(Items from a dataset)
++++++++++++++++++++

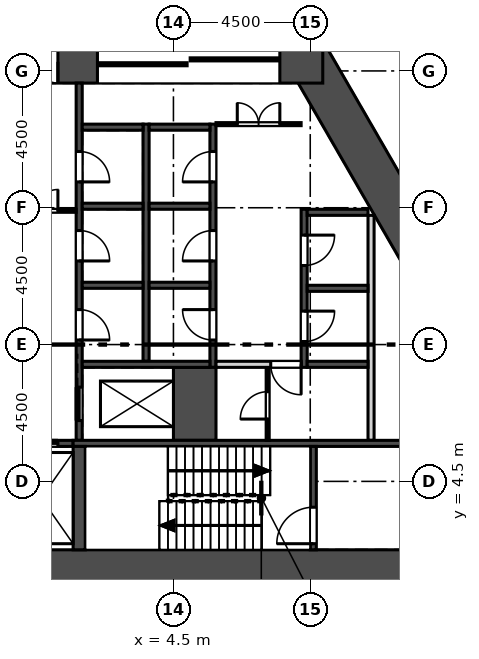
"""IFC4 building model, lengths in metres.
Left out: names, types, materials, properties, quantities, classifications, styles, units other than length and angle.
Written with IfcOpenShell. Run it as: python <this file> out.ifc"""

import sys

from ifc_helpers import new_model, si_unit, direction, frame, frame_2d, origin, place, context, subcontext, project, spatial, rectangle, extrude, element, fill, save


model = new_model("IFC4")
c1 = context("Model", 3, precision=1e-05, world=origin(), true_north=direction((0.0, 1.0)))
c2 = subcontext(c1, "Body", "Model", "MODEL_VIEW")
j1 = project(units=[si_unit("LENGTHUNIT", "METRE"), si_unit("PLANEANGLEUNIT", "RADIAN")], contexts=[c1])
p1 = place(None, origin())
s1 = spatial("IfcSite", under=j1, at=p1, CompositionType="ELEMENT")
p2 = place(p1, origin())
s2 = spatial("IfcBuilding", under=s1, at=p2, CompositionType="ELEMENT")
p3 = place(p2, frame((0.0, 0.0, -8.0)))
s3 = spatial("IfcBuildingStorey", under=s2, at=p3, CompositionType="ELEMENT", Elevation=-8.0)
p4 = place(p3, frame((42.971, 8.51, 0.0), z_axis=(0.0, 0.0, 1.0), x_axis=(-0.499999312333, 0.866025800809, 0.0)))
e1 = element("IfcWall", 1, at=p4, inside=s3, PredefinedType="SOLIDWALL", context=c2, shape_type="SweptSolid", body=[
    extrude(rectangle(XDim=76.231, YDim=0.6, at=frame_2d((38.115, 0.0))), origin(), (0.0, 0.0, 1.0), 7.6),
])
p5 = place(p3, frame((-14.0, 1.55, 0.0), z_axis=(0.0, 0.0, 1.0), x_axis=(1.0, 0.0, 0.0)))
e2 = element("IfcWall", 2, at=p5, inside=s3, PredefinedType="SHEAR", context=c2, shape_type="SweptSolid", body=[
    extrude(rectangle(XDim=28.0, YDim=1.4, at=frame_2d((14.0, 0.0))), origin(), (0.0, 0.0, 1.0), 8.0),
])
p6 = place(p3, frame((13.394, 10.703, 0.0), z_axis=(0.0, 0.0, 1.0), x_axis=(-0.50000187635, 0.866024320471, 0.0)))
e3 = element("IfcWall", 3, at=p6, inside=s3, PredefinedType="SHEAR", context=c2, shape_type="SweptSolid", body=[
    extrude(rectangle(XDim=9.177, YDim=1.4, at=frame_2d((4.588, 0.0))), origin(), (0.0, 0.0, 1.0), 8.0),
])
p7 = place(p3, frame((9.412, 18.3, 0.0), z_axis=(0.0, 0.0, 1.0), x_axis=(-1.0, 0.0, 0.0)))
e4 = element("IfcWall", 4, at=p7, inside=s3, PredefinedType="SHEAR", context=c2, shape_type="SweptSolid", body=[
    extrude(rectangle(XDim=18.823, YDim=1.4, at=frame_2d((9.412, 0.0))), origin(), (0.0, 0.0, 1.0), 8.0),
])
p8 = place(p7, frame((8.711, 0.0, 0.0)))
e5 = element("IfcOpeningElement", 5, at=p8, cuts=e4, PredefinedType="OPENING", context=c2, shape_type="SweptSolid", body=[
    extrude(rectangle(XDim=1.4, YDim=2.1, at=frame_2d((0.7, 1.05))), frame((0.0, 0.71, 0.0), z_axis=(0.0, -1.0, 0.0), x_axis=(1.0, 0.0, 0.0)), (0.0, 0.0, 1.0), 1.42),
])
p9 = place(p7, frame((11.412, 0.0, 0.0)))
e6 = element("IfcOpeningElement", 6, at=p9, cuts=e4, PredefinedType="OPENING", context=c2, shape_type="SweptSolid", body=[
    extrude(rectangle(XDim=6.0, YDim=2.4, at=frame_2d((3.0, 1.2))), frame((0.0, 0.71, 0.0), z_axis=(0.0, -1.0, 0.0), x_axis=(1.0, 0.0, 0.0)), (0.0, 0.0, 1.0), 1.42),
])
p10 = place(p7, frame((1.412, 0.0, 0.0)))
e7 = element("IfcOpeningElement", 7, at=p10, cuts=e4, PredefinedType="OPENING", context=c2, shape_type="SweptSolid", body=[
    extrude(rectangle(XDim=6.0, YDim=2.4, at=frame_2d((3.0, 1.2))), frame((0.0, 0.71, 0.0), z_axis=(0.0, -1.0, 0.0), x_axis=(1.0, 0.0, 0.0)), (0.0, 0.0, 1.0), 1.42),
])
p11 = place(p3, frame((11.0, 5.85, 0.0), z_axis=(0.0, 0.0, 1.0), x_axis=(0.0, 1.0, 0.0)))
e8 = element("IfcWall", 8, at=p11, inside=s3, PredefinedType="SOLIDWALL", context=c2, shape_type="SweptSolid", body=[
    extrude(rectangle(XDim=7.4, YDim=0.2, at=frame_2d((3.7, 0.0))), origin(), (0.0, 0.0, 1.0), 7.6),
])
p12 = place(p3, frame((8.8, 8.25, -0.35), z_axis=(0.0, 0.0, 1.0), x_axis=(0.0, 1.0, 0.0)))
e9 = element("IfcWall", 9, at=p12, inside=s3, PredefinedType="SOLIDWALL", context=c2, shape_type="SweptSolid", body=[
    extrude(rectangle(XDim=5.2, YDim=0.2, at=frame_2d((2.6, 0.0))), origin(), (0.0, 0.0, 1.0), 7.95),
])
p13 = place(p12, frame((0.85, 0.0, 0.35)))
e10 = element("IfcOpeningElement", 10, at=p13, cuts=e9, PredefinedType="OPENING", context=c2, shape_type="SweptSolid", body=[
    extrude(rectangle(XDim=1.0, YDim=2.1, at=frame_2d((0.5, 1.05))), frame((0.0, 0.11, 0.0), z_axis=(0.0, -1.0, 0.0), x_axis=(1.0, 0.0, 0.0)), (0.0, 0.0, 1.0), 0.22),
])
p14 = place(p12, frame((3.35, 0.0, 0.35)))
e11 = element("IfcOpeningElement", 11, at=p14, cuts=e9, PredefinedType="OPENING", context=c2, shape_type="SweptSolid", body=[
    extrude(rectangle(XDim=1.0, YDim=2.1, at=frame_2d((0.5, 1.05))), frame((0.0, 0.11, 0.0), z_axis=(0.0, -1.0, 0.0), x_axis=(1.0, 0.0, 0.0)), (0.0, 0.0, 1.0), 0.22),
])
p15 = place(p3, frame((5.8, 8.25, -0.35), z_axis=(0.0, 0.0, 1.0), x_axis=(0.0, 1.0, 0.0)))
e12 = element("IfcWall", 12, at=p15, inside=s3, PredefinedType="SOLIDWALL", context=c2, shape_type="SweptSolid", body=[
    extrude(rectangle(XDim=8.0, YDim=0.2, at=frame_2d((4.0, 0.0))), origin(), (0.0, 0.0, 1.0), 7.95),
])
p16 = place(p15, frame((0.9, 0.0, 0.35)))
e13 = element("IfcOpeningElement", 13, at=p16, cuts=e12, PredefinedType="OPENING", context=c2, shape_type="SweptSolid", body=[
    extrude(rectangle(XDim=1.0, YDim=2.1, at=frame_2d((0.5, 1.05))), frame((0.0, 0.11, 0.0), z_axis=(0.0, -1.0, 0.0), x_axis=(1.0, 0.0, 0.0)), (0.0, 0.0, 1.0), 0.22),
])
p17 = place(p15, frame((3.5, 0.0, 0.35)))
e14 = element("IfcOpeningElement", 14, at=p17, cuts=e12, PredefinedType="OPENING", context=c2, shape_type="SweptSolid", body=[
    extrude(rectangle(XDim=1.0, YDim=2.1, at=frame_2d((0.5, 1.05))), frame((0.0, 0.11, 0.0), z_axis=(0.0, -1.0, 0.0), x_axis=(1.0, 0.0, 0.0)), (0.0, 0.0, 1.0), 0.22),
])
p18 = place(p15, frame((6.1, 0.0, 0.35)))
e15 = element("IfcOpeningElement", 15, at=p18, cuts=e12, PredefinedType="OPENING", context=c2, shape_type="SweptSolid", body=[
    extrude(rectangle(XDim=1.0, YDim=2.1, at=frame_2d((0.5, 1.05))), frame((0.0, 0.11, 0.0), z_axis=(0.0, -1.0, 0.0), x_axis=(1.0, 0.0, 0.0)), (0.0, 0.0, 1.0), 0.22),
])
p19 = place(p3, frame((3.6, 8.45, -0.35), z_axis=(0.0, 0.0, 1.0), x_axis=(0.0, 1.0, 0.0)))
e16 = element("IfcWall", 16, at=p19, inside=s3, PredefinedType="SOLIDWALL", context=c2, shape_type="SweptSolid", body=[
    extrude(rectangle(XDim=7.8, YDim=0.2, at=frame_2d((3.9, 0.0))), origin(), (0.0, 0.0, 1.0), 7.95),
])
p20 = place(p3, frame((1.4, 5.85, -0.35), z_axis=(0.0, 0.0, 1.0), x_axis=(0.0, 1.0, 0.0)))
e17 = element("IfcWall", 17, at=p20, inside=s3, PredefinedType="SOLIDWALL", context=c2, shape_type="SweptSolid", body=[
    extrude(rectangle(XDim=11.75, YDim=0.2, at=frame_2d((5.875, 0.0))), origin(), (0.0, 0.0, 1.0), 7.95),
])
p21 = place(p20, frame((0.65, 0.0, 0.35)))
e18 = element("IfcOpeningElement", 18, at=p21, cuts=e17, PredefinedType="OPENING", context=c2, shape_type="SweptSolid", body=[
    extrude(rectangle(XDim=1.1, YDim=2.1, at=frame_2d((0.55, 1.05))), frame((0.0, 0.11, 0.0), z_axis=(0.0, -1.0, 0.0), x_axis=(1.0, 0.0, 0.0)), (0.0, 0.0, 1.0), 0.22),
])
p22 = place(p20, frame((3.3, 0.0, 0.35)))
e19 = element("IfcOpeningElement", 19, at=p22, cuts=e17, PredefinedType="OPENING", context=c2, shape_type="SweptSolid", body=[
    extrude(rectangle(XDim=1.0, YDim=2.1, at=frame_2d((0.5, 1.05))), frame((0.0, 0.11, 0.0), z_axis=(0.0, -1.0, 0.0), x_axis=(1.0, 0.0, 0.0)), (0.0, 0.0, 1.0), 0.22),
])
p23 = place(p20, frame((5.9, 0.0, 0.35)))
e20 = element("IfcOpeningElement", 20, at=p23, cuts=e17, PredefinedType="OPENING", context=c2, shape_type="SweptSolid", body=[
    extrude(rectangle(XDim=1.0, YDim=2.1, at=frame_2d((0.5, 1.05))), frame((0.0, 0.11, 0.0), z_axis=(0.0, -1.0, 0.0), x_axis=(1.0, 0.0, 0.0)), (0.0, 0.0, 1.0), 0.22),
])
p24 = place(p20, frame((8.5, 0.0, 0.35)))
e21 = element("IfcOpeningElement", 21, at=p24, cuts=e17, PredefinedType="OPENING", context=c2, shape_type="SweptSolid", body=[
    extrude(rectangle(XDim=1.0, YDim=2.1, at=frame_2d((0.5, 1.05))), frame((0.0, 0.11, 0.0), z_axis=(0.0, -1.0, 0.0), x_axis=(1.0, 0.0, 0.0)), (0.0, 0.0, 1.0), 0.22),
])
p25 = place(p3, frame((5.2, 5.85, -0.35), z_axis=(0.0, 0.0, 1.0), x_axis=(0.0, 1.0, 0.0)))
e22 = element("IfcWall", 22, at=p25, inside=s3, PredefinedType="SOLIDWALL", context=c2, shape_type="SweptSolid", body=[
    extrude(rectangle(XDim=2.4, YDim=1.4, at=frame_2d((1.2, 0.0))), origin(), (0.0, 0.0, 1.0), 7.95),
])
p26 = place(p3, frame((8.9, 8.35, -0.35), z_axis=(0.0, 0.0, 1.0), x_axis=(1.0, 0.0, 0.0)))
e23 = element("IfcWall", 23, at=p26, inside=s3, PredefinedType="SOLIDWALL", context=c2, shape_type="SweptSolid", body=[
    extrude(rectangle(XDim=2.0, YDim=0.2, at=frame_2d((1.0, 0.0))), origin(), (0.0, 0.0, 1.0), 7.95),
])
p27 = place(p3, frame((1.5, 8.35, -0.35), z_axis=(0.0, 0.0, 1.0), x_axis=(1.0, 0.0, 0.0)))
e24 = element("IfcWall", 24, at=p27, inside=s3, PredefinedType="SOLIDWALL", context=c2, shape_type="SweptSolid", body=[
    extrude(rectangle(XDim=4.2, YDim=0.2, at=frame_2d((2.1, 0.0))), origin(), (0.0, 0.0, 1.0), 7.95),
])
p28 = place(p3, frame((-1.2, 5.75, -0.35), z_axis=(0.0, 0.0, 1.0), x_axis=(1.0, 0.0, 0.0)))
e25 = element("IfcWall", 25, at=p28, inside=s3, PredefinedType="SOLIDWALL", context=c2, shape_type="SweptSolid", body=[
    extrude(rectangle(XDim=2.4, YDim=0.2, at=frame_2d((1.2, 0.0))), origin(), (0.0, 0.0, 1.0), 7.95),
])
p29 = place(p28, frame((0.5, 0.0, 0.35)))
e26 = element("IfcOpeningElement", 26, at=p29, cuts=e25, PredefinedType="OPENING", context=c2, shape_type="SweptSolid", body=[
    extrude(rectangle(XDim=1.4, YDim=2.1, at=frame_2d((0.7, 1.05))), frame((0.0, 0.11, 0.0), z_axis=(0.0, -1.0, 0.0), x_axis=(1.0, 0.0, 0.0)), (0.0, 0.0, 1.0), 0.22),
])
p30 = place(p3, frame((1.2, 5.75, -0.35), z_axis=(0.0, 0.0, 1.0), x_axis=(1.0, 0.0, 0.0)))
e27 = element("IfcWall", 27, at=p30, inside=s3, PredefinedType="SOLIDWALL", context=c2, shape_type="SweptSolid", body=[
    extrude(rectangle(XDim=11.4, YDim=0.2, at=frame_2d((5.7, 0.0))), origin(), (0.0, 0.0, 1.0), 7.95),
])
p31 = place(p3, frame((9.1, 2.25, -0.35), z_axis=(0.0, 0.0, 1.0), x_axis=(0.0, 1.0, 0.0)))
e28 = element("IfcWall", 28, at=p31, inside=s3, PredefinedType="SOLIDWALL", context=c2, shape_type="SweptSolid", body=[
    extrude(rectangle(XDim=3.4, YDim=0.2, at=frame_2d((1.7, 0.0))), origin(), (0.0, 0.0, 1.0), 7.95),
])
p32 = place(p31, frame((0.2, 0.0, 0.35)))
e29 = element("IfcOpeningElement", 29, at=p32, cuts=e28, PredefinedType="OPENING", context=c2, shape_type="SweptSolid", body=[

++++++++++++++++++++

■ **The task**: Lines with "spatial" in the records above: copy every one of them.

■ **Completed exercise**:
from ifc_helpers import new_model, si_unit, direction, frame, frame_2d, origin, place, context, subcontext, project, spatial, rectangle, extrude, element, fill, save
s1 = spatial("IfcSite", under=j1, at=p1, CompositionType="ELEMENT")
s2 = spatial("IfcBuilding", under=s1, at=p2, CompositionType="ELEMENT")
s3 = spatial("IfcBuildingStorey", under=s2, at=p3, CompositionType="ELEMENT", Elevation=-8.0)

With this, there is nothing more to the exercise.